# ACTIVITY
Each line of the records containing "spatial" is to be copied out and returned.

(Recorded data)

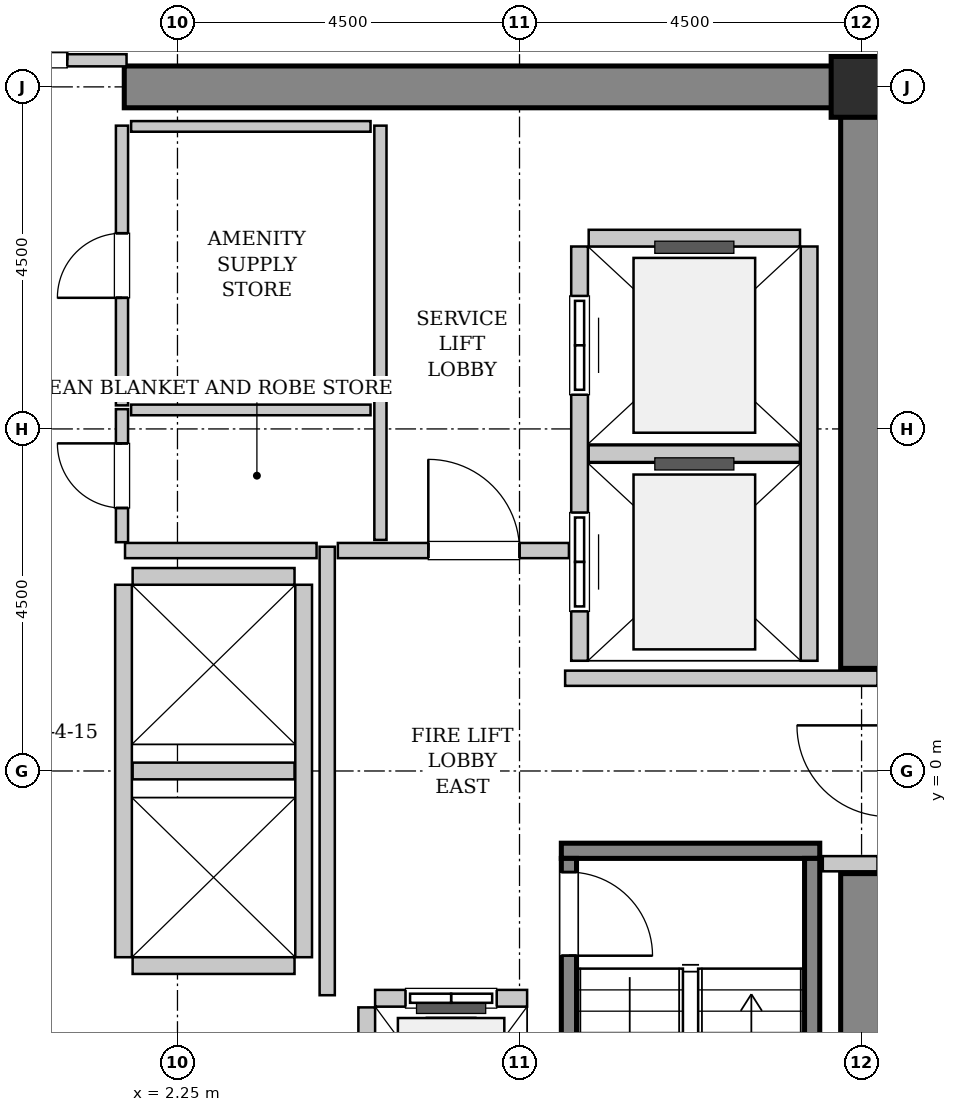
"""IFC4 building model, lengths in metres.
Left out: names, types, materials, properties, quantities, classifications, styles, units other than length and angle.
Written with IfcOpenShell. Run it as: python <this file> out.ifc"""

import sys

from ifc_helpers import new_model, si_unit, direction, frame, frame_2d, origin, origin_2d, place, context, subcontext, project, spatial, rectangle, hollow_rectangle, extrude, source, transform, mapped, element, fill, save


model = new_model("IFC4")
c1 = context("Model", 3, precision=1e-05, world=origin(), true_north=direction((0.0, 1.0)))
c2 = subcontext(c1, "Body", "Model", "MODEL_VIEW")
j1 = project(units=[si_unit("LENGTHUNIT", "METRE"), si_unit("PLANEANGLEUNIT", "RADIAN")], contexts=[c1])
p1 = place(None, origin())
s1 = spatial("IfcSite", under=j1, at=p1, CompositionType="ELEMENT")
p2 = place(p1, origin())
s2 = spatial("IfcBuilding", under=s1, at=p2, CompositionType="ELEMENT")
p3 = place(p2, frame((0.0, 0.0, 198.2)))
s3 = spatial("IfcBuildingStorey", under=s2, at=p3, CompositionType="ELEMENT", Elevation=198.2)
m1 = source(origin(), c2, "Body", "SweptSolid", [
    extrude(rectangle(XDim=9.975, YDim=0.55, at=frame_2d((4.987, 0.0))), origin(), (0.0, 0.0, 1.0), 3.8),
])
p4 = place(p3, frame((1.55, 9.0, 0.0), z_axis=(0.0, 0.0, 1.0), x_axis=(1.0, 0.0, 0.0)))
e1 = element("IfcWall", 1, at=p4, inside=s3, PredefinedType="SHEAR", context=c2, shape_type="MappedRepresentation", body=[
    mapped(m1, transform((0.0, 0.0, 0.0), x_axis=(1.0, 0.0, 0.0), y_axis=(0.0, 1.0, 0.0), z_axis=(0.0, 0.0, 1.0), scale=1.0)),
])
m2 = source(origin(), c2, "Body", "SweptSolid", [
    extrude(rectangle(XDim=7.375, YDim=0.55, at=frame_2d((3.688, 0.0))), origin(), (0.0, 0.0, 1.0), 3.8),
])
for number, where, z_axis, x_axis in (
    (2, (11.25, -8.725, 0.0), (0.0, 0.0, 1.0), (0.0, 1.0, 0.0)),
    (3, (11.25, 1.35, 0.0), (0.0, 0.0, 1.0), (0.0, 1.0, 0.0)),
):
    element("IfcWall", number, at=place(p3, frame(where, z_axis=z_axis, x_axis=x_axis)), inside=s3, PredefinedType="SHEAR", context=c2, shape_type="MappedRepresentation", body=[
        mapped(m2, transform((0.0, 0.0, 0.0), x_axis=(1.0, 0.0, 0.0), y_axis=(0.0, 1.0, 0.0), z_axis=(0.0, 0.0, 1.0), scale=1.0)),
    ])
m3 = source(origin(), c2, "Body", "SweptSolid", [
    extrude(hollow_rectangle(XDim=0.8, YDim=0.8, WallThickness=0.04, InnerFilletRadius=0.04, OuterFilletRadius=0.08, at=origin_2d()), origin(), (0.0, 0.0, 1.0), 3.8),
])
p5 = place(p3, frame((11.25, 9.0, 0.0), z_axis=(0.0, 0.0, 1.0), x_axis=(1.0, 0.0, 0.0)))
e4 = element("IfcColumn", 4, at=p5, inside=s3, PredefinedType="COLUMN", context=c2, shape_type="MappedRepresentation", body=[
    mapped(m3, transform((0.0, 0.0, 0.0), x_axis=(1.0, 0.0, 0.0), y_axis=(0.0, 1.0, 0.0), z_axis=(0.0, 0.0, 1.0), scale=1.0)),
])
m4 = source(origin(), c2, "Body", "SweptSolid", [
    extrude(rectangle(XDim=3.4, YDim=0.2, at=frame_2d((1.7, 0.0))), origin(), (0.0, 0.0, 1.0), 3.8),
])
p6 = place(p3, frame((7.3, -1.05, 0.0), z_axis=(0.0, 0.0, 1.0), x_axis=(1.0, 0.0, 0.0)))
e5 = element("IfcWall", 5, at=p6, inside=s3, PredefinedType="SOLIDWALL", context=c2, shape_type="MappedRepresentation", body=[
    mapped(m4, transform((0.0, 0.0, 0.0), x_axis=(1.0, 0.0, 0.0), y_axis=(0.0, 1.0, 0.0), z_axis=(0.0, 0.0, 1.0), scale=1.0)),
])
m5 = source(origin(), c2, "Body", "SweptSolid", [
    extrude(rectangle(XDim=7.1, YDim=0.2, at=frame_2d((3.55, 0.0))), origin(), (0.0, 0.0, 1.0), 3.8),
])
p7 = place(p3, frame((7.4, -1.15, 0.0), z_axis=(0.0, 0.0, 1.0), x_axis=(0.0, -1.0, 0.0)))
e6 = element("IfcWall", 6, at=p7, inside=s3, PredefinedType="SOLIDWALL", context=c2, shape_type="MappedRepresentation", body=[
    mapped(m5, transform((0.0, 0.0, 0.0), x_axis=(1.0, 0.0, 0.0), y_axis=(0.0, 1.0, 0.0), z_axis=(0.0, 0.0, 1.0), scale=1.0)),
])
p8 = place(p7, frame((0.18, 0.0, 0.0)))
e7 = element("IfcOpeningElement", 7, at=p8, cuts=e6, PredefinedType="OPENING", context=c2, shape_type="SweptSolid", body=[
    extrude(rectangle(XDim=1.1, YDim=2.15, at=frame_2d((0.55, 1.075))), frame((0.0, 0.11, 0.0), z_axis=(0.0, -1.0, 0.0), x_axis=(1.0, 0.0, 0.0)), (0.0, 0.0, 1.0), 0.22),
])
p9 = place(p3, frame((10.6, -1.15, 0.0), z_axis=(0.0, 0.0, 1.0), x_axis=(0.0, -1.0, 0.0)))
e8 = element("IfcWall", 8, at=p9, inside=s3, PredefinedType="SOLIDWALL", context=c2, shape_type="MappedRepresentation", body=[
    mapped(m5, transform((0.0, 0.0, 0.0), x_axis=(1.0, 0.0, 0.0), y_axis=(0.0, 1.0, 0.0), z_axis=(0.0, 0.0, 1.0), scale=1.0)),
])
m6 = source(origin(), c2, "Body", "SweptSolid", [
    extrude(rectangle(XDim=2.0, YDim=0.22, at=frame_2d((1.0, 0.0))), origin(), (0.0, 0.0, 1.0), 3.485),
])
p10 = place(p3, frame((6.85, -2.99, 0.0), z_axis=(0.0, 0.0, 1.0), x_axis=(-1.0, 0.0, 0.0)))
e9 = element("IfcWall", 9, at=p10, inside=s3, PredefinedType="SOLIDWALL", context=c2, shape_type="MappedRepresentation", body=[
    mapped(m6, transform((0.0, 0.0, 0.0), x_axis=(1.0, 0.0, 0.0), y_axis=(0.0, 1.0, 0.0), z_axis=(0.0, 0.0, 1.0), scale=1.0)),
])
p11 = place(p10, frame((0.4, 0.0, 0.0)))
e10 = element("IfcOpeningElement", 10, at=p11, cuts=e9, PredefinedType="OPENING", context=c2, shape_type="SweptSolid", body=[
    extrude(rectangle(XDim=1.2, YDim=2.2, at=frame_2d((0.6, 1.1))), frame((0.0, 0.12, 0.0), z_axis=(0.0, -1.0, 0.0), x_axis=(1.0, 0.0, 0.0)), (0.0, 0.0, 1.0), 0.24),
])
m7 = source(origin(), c2, "Body", "SweptSolid", [
    extrude(rectangle(XDim=2.68, YDim=0.22, at=frame_2d((1.34, 0.0))), origin(), (0.0, 0.0, 1.0), 3.485),
])
p12 = place(p3, frame((4.74, -3.11, 0.0), z_axis=(0.0, 0.0, 1.0), x_axis=(0.0, -1.0, 0.0)))
e11 = element("IfcWall", 11, at=p12, inside=s3, PredefinedType="SOLIDWALL", context=c2, shape_type="MappedRepresentation", body=[
    mapped(m7, transform((0.0, 0.0, 0.0), x_axis=(1.0, 0.0, 0.0), y_axis=(0.0, 1.0, 0.0), z_axis=(0.0, 0.0, 1.0), scale=1.0)),
])
m8 = source(origin(), c2, "Body", "SweptSolid", [
    extrude(rectangle(XDim=5.45, YDim=0.22, at=frame_2d((2.725, 0.0))), origin(), (0.0, 0.0, 1.0), 3.485),
])
p13 = place(p3, frame((7.54, 6.9, 0.0), z_axis=(0.0, 0.0, 1.0), x_axis=(0.0, -1.0, 0.0)))
e12 = element("IfcWall", 12, at=p13, inside=s3, PredefinedType="SOLIDWALL", context=c2, shape_type="MappedRepresentation", body=[
    mapped(m8, transform((0.0, 0.0, 0.0), x_axis=(1.0, 0.0, 0.0), y_axis=(0.0, 1.0, 0.0), z_axis=(0.0, 0.0, 1.0), scale=1.0)),
])
p14 = place(p13, frame((3.5, 0.0, 0.0)))
e13 = element("IfcOpeningElement", 13, at=p14, cuts=e12, PredefinedType="OPENING", context=c2, shape_type="SweptSolid", body=[
    extrude(rectangle(XDim=1.3, YDim=2.3, at=frame_2d((0.65, 1.15))), frame((0.0, 0.12, 0.0), z_axis=(0.0, -1.0, 0.0), x_axis=(1.0, 0.0, 0.0)), (0.0, 0.0, 1.0), 0.24),
])
p15 = place(p13, frame((0.65, 0.0, 0.0)))
e14 = element("IfcOpeningElement", 14, at=p15, cuts=e12, PredefinedType="OPENING", context=c2, shape_type="SweptSolid", body=[
    extrude(rectangle(XDim=1.3, YDim=2.3, at=frame_2d((0.65, 1.15))), frame((0.0, 0.12, 0.0), z_axis=(0.0, -1.0, 0.0), x_axis=(1.0, 0.0, 0.0)), (0.0, 0.0, 1.0), 0.24),
])
p16 = place(p3, frame((10.56, 1.45, 0.0), z_axis=(0.0, 0.0, 1.0), x_axis=(0.0, 1.0, 0.0)))
e15 = element("IfcWall", 15, at=p16, inside=s3, PredefinedType="SOLIDWALL", context=c2, shape_type="MappedRepresentation", body=[
    mapped(m8, transform((0.0, 0.0, 0.0), x_axis=(1.0, 0.0, 0.0), y_axis=(0.0, 1.0, 0.0), z_axis=(0.0, 0.0, 1.0), scale=1.0)),
])
m9 = source(origin(), c2, "Body", "SweptSolid", [
    extrude(rectangle(XDim=2.78, YDim=0.22, at=frame_2d((1.39, 0.0))), origin(), (0.0, 0.0, 1.0), 3.485),
])
for number, where, z_axis, x_axis in (
    (16, (7.66, 4.175, 0.0), (0.0, 0.0, 1.0), (1.0, 0.0, 0.0)),
    (17, (10.44, 7.01, 0.0), (0.0, 0.0, 1.0), (-1.0, 0.0, 0.0)),
):
    element("IfcWall", number, at=place(p3, frame(where, z_axis=z_axis, x_axis=x_axis)), inside=s3, PredefinedType="SOLIDWALL", context=c2, shape_type="MappedRepresentation", body=[
        mapped(m9, transform((0.0, 0.0, 0.0), x_axis=(1.0, 0.0, 0.0), y_axis=(0.0, 1.0, 0.0), z_axis=(0.0, 0.0, 1.0), scale=1.0)),
    ])
m10 = source(origin(), c2, "Body", "SweptSolid", [
    extrude(rectangle(XDim=4.9, YDim=0.22, at=frame_2d((2.45, 0.0))), origin(), (0.0, 0.0, 1.0), 3.485),
])
for number, where, z_axis, x_axis in (
    (18, (1.54, 2.45, 0.0), (0.0, 0.0, 1.0), (0.0, -1.0, 0.0)),
    (19, (3.91, -2.45, 0.0), (0.0, 0.0, 1.0), (0.0, 1.0, 0.0)),
):
    element("IfcWall", number, at=place(p3, frame(where, z_axis=z_axis, x_axis=x_axis)), inside=s3, PredefinedType="SOLIDWALL", context=c2, shape_type="MappedRepresentation", body=[
        mapped(m10, transform((0.0, 0.0, 0.0), x_axis=(1.0, 0.0, 0.0), y_axis=(0.0, 1.0, 0.0), z_axis=(0.0, 0.0, 1.0), scale=1.0)),
    ])
m11 = source(origin(), c2, "Body", "SweptSolid", [
    extrude(rectangle(XDim=2.13, YDim=0.22, at=frame_2d((1.065, 0.0))), origin(), (0.0, 0.0, 1.0), 3.485),
])
for number, where, z_axis, x_axis in (
    (20, (1.66, -2.56, 0.0), (0.0, 0.0, 1.0), (1.0, 0.0, 0.0)),
    (21, (1.66, 0.0, 0.0), (0.0, 0.0, 1.0), (1.0, 0.0, 0.0)),
    (22, (3.79, 2.56, 0.0), (0.0, 0.0, 1.0), (-1.0, 0.0, 0.0)),
):
    element("IfcWall", number, at=place(p3, frame(where, z_axis=z_axis, x_axis=x_axis)), inside=s3, PredefinedType="SOLIDWALL", context=c2, shape_type="MappedRepresentation", body=[
        mapped(m11, transform((0.0, 0.0, 0.0), x_axis=(1.0, 0.0, 0.0), y_axis=(0.0, 1.0, 0.0), z_axis=(0.0, 0.0, 1.0), scale=1.0)),
    ])
m12 = source(origin(), c2, "Body", "SweptSolid", [
    extrude(rectangle(XDim=5.9, YDim=0.2, at=frame_2d((2.95, 0.0))), origin(), (0.0, 0.0, 1.0), 3.485),
])
p17 = place(p3, frame((4.22, -2.95, 0.0), z_axis=(0.0, 0.0, 1.0), x_axis=(0.0, 1.0, 0.0)))
e23 = element("IfcWall", 23, at=p17, inside=s3, PredefinedType="PARTITIONING", context=c2, shape_type="MappedRepresentation", body=[
    mapped(m12, transform((0.0, 0.0, 0.0), x_axis=(1.0, 0.0, 0.0), y_axis=(0.0, 1.0, 0.0), z_axis=(0.0, 0.0, 1.0), scale=1.0)),
])
m13 = source(origin(), c2, "Body", "SweptSolid", [
    extrude(rectangle(XDim=2.52, YDim=0.2, at=frame_2d((1.26, 0.0))), origin(), (0.0, 0.0, 1.0), 3.485),
])
p18 = place(p3, frame((1.56, 2.9, 0.0), z_axis=(0.0, 0.0, 1.0), x_axis=(1.0, 0.0, 0.0)))
e24 = element("IfcWall", 24, at=p18, inside=s3, PredefinedType="PARTITIONING", context=c2, shape_type="MappedRepresentation", body=[
    mapped(m13, transform((0.0, 0.0, 0.0), x_axis=(1.0, 0.0, 0.0), y_axis=(0.0, 1.0, 0.0), z_axis=(0.0, 0.0, 1.0), scale=1.0)),
])
m14 = source(origin(), c2, "Body", "SweptSolid", [
    extrude(rectangle(XDim=3.04, YDim=0.2, at=frame_2d((1.52, 0.0))), origin(), (0.0, 0.0, 1.0), 3.485),
])
p19 = place(p3, frame((4.36, 2.9, 0.0), z_axis=(0.0, 0.0, 1.0), x_axis=(1.0, 0.0, 0.0)))
e25 = element("IfcWall", 25, at=p19, inside=s3, PredefinedType="PARTITIONING", context=c2, shape_type="MappedRepresentation", body=[
    mapped(m14, transform((0.0, 0.0, 0.0), x_axis=(1.0, 0.0, 0.0), y_axis=(0.0, 1.0, 0.0), z_axis=(0.0, 0.0, 1.0), scale=1.0)),
])
p20 = place(p19, frame((1.19, 0.0, 0.0)))
e26 = element("IfcOpeningElement", 26, at=p20, cuts=e25, PredefinedType="OPENING", context=c2, shape_type="SweptSolid", body=[
    extrude(rectangle(XDim=1.2, YDim=2.15, at=frame_2d((0.6, 1.075))), frame((0.0, 0.11, 0.0), z_axis=(0.0, -1.0, 0.0), x_axis=(1.0, 0.0, 0.0)), (0.0, 0.0, 1.0), 0.22),
])
m15 = source(origin(), c2, "Body", "SweptSolid", [
    extrude(rectangle(XDim=4.11, YDim=0.2, at=frame_2d((2.055, 0.0))), origin(), (0.0, 0.0, 1.0), 3.485),
])
p21 = place(p3, frame((7.35, 1.22, 0.0), z_axis=(0.0, 0.0, 1.0), x_axis=(1.0, 0.0, 0.0)))
e27 = element("IfcWall", 27, at=p21, inside=s3, PredefinedType="PARTITIONING", context=c2, shape_type="MappedRepresentation", body=[
    mapped(m15, transform((0.0, 0.0, 0.0), x_axis=(1.0, 0.0, 0.0), y_axis=(0.0, 1.0, 0.0), z_axis=(0.0, 0.0, 1.0), scale=1.0)),
])
m16 = source(origin(), c2, "Body", "SweptSolid", [
    extrude(rectangle(XDim=0.72, YDim=0.2, at=frame_2d((0.36, 0.0))), origin(), (0.0, 0.0, 1.0), 3.485),
])
p22 = place(p3, frame((10.74, -1.22, 0.0), z_axis=(0.0, 0.0, 1.0), x_axis=(1.0, 0.0, 0.0)))
e28 = element("IfcWall", 28, at=p22, inside=s3, PredefinedType="PARTITIONING", context=c2, shape_type="MappedRepresentation", body=[
    mapped(m16, transform((0.0, 0.0, 0.0), x_axis=(1.0, 0.0, 0.0), y_axis=(0.0, 1.0, 0.0), z_axis=(0.0, 0.0, 1.0), scale=1.0)),
])
m17 = source(origin(), c2, "Body", "SweptSolid", [
    extrude(rectangle(XDim=3.16, YDim=0.16, at=frame_2d((1.58, 0.0))), origin(), (0.0, 0.0, 1.0), 2.375),
])
p23 = place(p3, frame((-1.58, 9.35, 0.0), z_axis=(0.0, 0.0, 1.0), x_axis=(1.0, 0.0, 0.0)))
e29 = element("IfcWall", 29, at=p23, inside=s3, PredefinedType="PARTITIONING", context=c2, shape_type="MappedRepresentation", body=[
    mapped(m17, transform((0.0, 0.0, 0.0), x_axis=(1.0, 0.0, 0.0), y_axis=(0.0, 1.0, 0.0), z_axis=(0.0, 0.0, 1.0), scale=1.0)),
])
p24 = place(p23, frame((0.78, 0.0, 0.0)))
e30 = element("IfcOpeningElement", 30, at=p24, cuts=e29, PredefinedType="OPENING", context=c2, shape_type="SweptSolid", body=[
    extrude(rectangle(XDim=1.6, YDim=2.3, at=frame_2d((0.8, 1.15))), frame((0.0, 0.09, 0.0), z_axis=(0.0, -1.0, 0.0), x_axis=(1.0, 0.0, 0.0)), (0.0, 0.0, 1.0), 0.18),
])
m18 = source(origin(), c2, "Body", "SweptSolid", [
    extrude(rectangle(XDim=5.45, YDim=0.16, at=frame_2d((2.725, 0.0))), origin(), (0.0, 0.0, 1.0), 3.485),
])
p25 = place(p3, frame((4.92, 3.04, 0.0), z_axis=(0.0, 0.0, 1.0), x_axis=(0.0, 1.0, 0.0)))
e31 = element("IfcWall", 31, at=p25, inside=s3, PredefinedType="PARTITIONING", context=c2, shape_type="MappedRepresentation", body=[
    mapped(m18, transform((0.0, 0.0, 0.0), x_axis=(1.0, 0.0, 0.0), y_axis=(0.0, 1.0, 0.0), z_axis=(0.0, 0.0, 1.0), scale=1.0)),
])
m19 = source(origin(), c2, "Body", "SweptSolid", [
    extrude(rectangle(XDim=1.75, YDim=0.16, at=frame_2d((0.875, 0.0))), origin(), (0.0, 0.0, 1.0), 3.485),
])
p26 = place(p3, frame((1.52, 3.01, 0.0), z_axis=(0.0, 0.0, 1.0), x_axis=(0.0, 1.0, 0.0)))
e32 = element("IfcWall", 32, at=p26, inside=s3, PredefinedType="PARTITIONING", context=c2, shape_type="MappedRepresentation", body=[
    mapped(m19, transform((0.0, 0.0, 0.0), x_axis=(1.0, 0.0, 0.0), y_axis=(0.0, 1.0, 0.0), z_axis=(0.0, 0.0, 1.0), scale=1.0)),
])
p27 = place(p26, frame((0.45, 0.0, 0.0)))
e33 = element("IfcOpeningElement", 33, at=p27, cuts=e32, PredefinedType="OPENING", context=c2, shape_type="SweptSolid", body=[
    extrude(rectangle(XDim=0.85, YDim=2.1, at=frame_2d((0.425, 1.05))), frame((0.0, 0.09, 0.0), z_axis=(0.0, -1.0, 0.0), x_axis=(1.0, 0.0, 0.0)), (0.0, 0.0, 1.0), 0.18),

# WRITTEN RESPONSE
from ifc_helpers import new_model, si_unit, direction, frame, frame_2d, origin, origin_2d, place, context, subcontext, project, spatial, rectangle, hollow_rectangle, extrude, source, transform, mapped, element, fill, save
s1 = spatial("IfcSite", under=j1, at=p1, CompositionType="ELEMENT")
s2 = spatial("IfcBuilding", under=s1, at=p2, CompositionType="ELEMENT")
s3 = spatial("IfcBuildingStorey", under=s2, at=p3, CompositionType="ELEMENT", Elevation=198.2)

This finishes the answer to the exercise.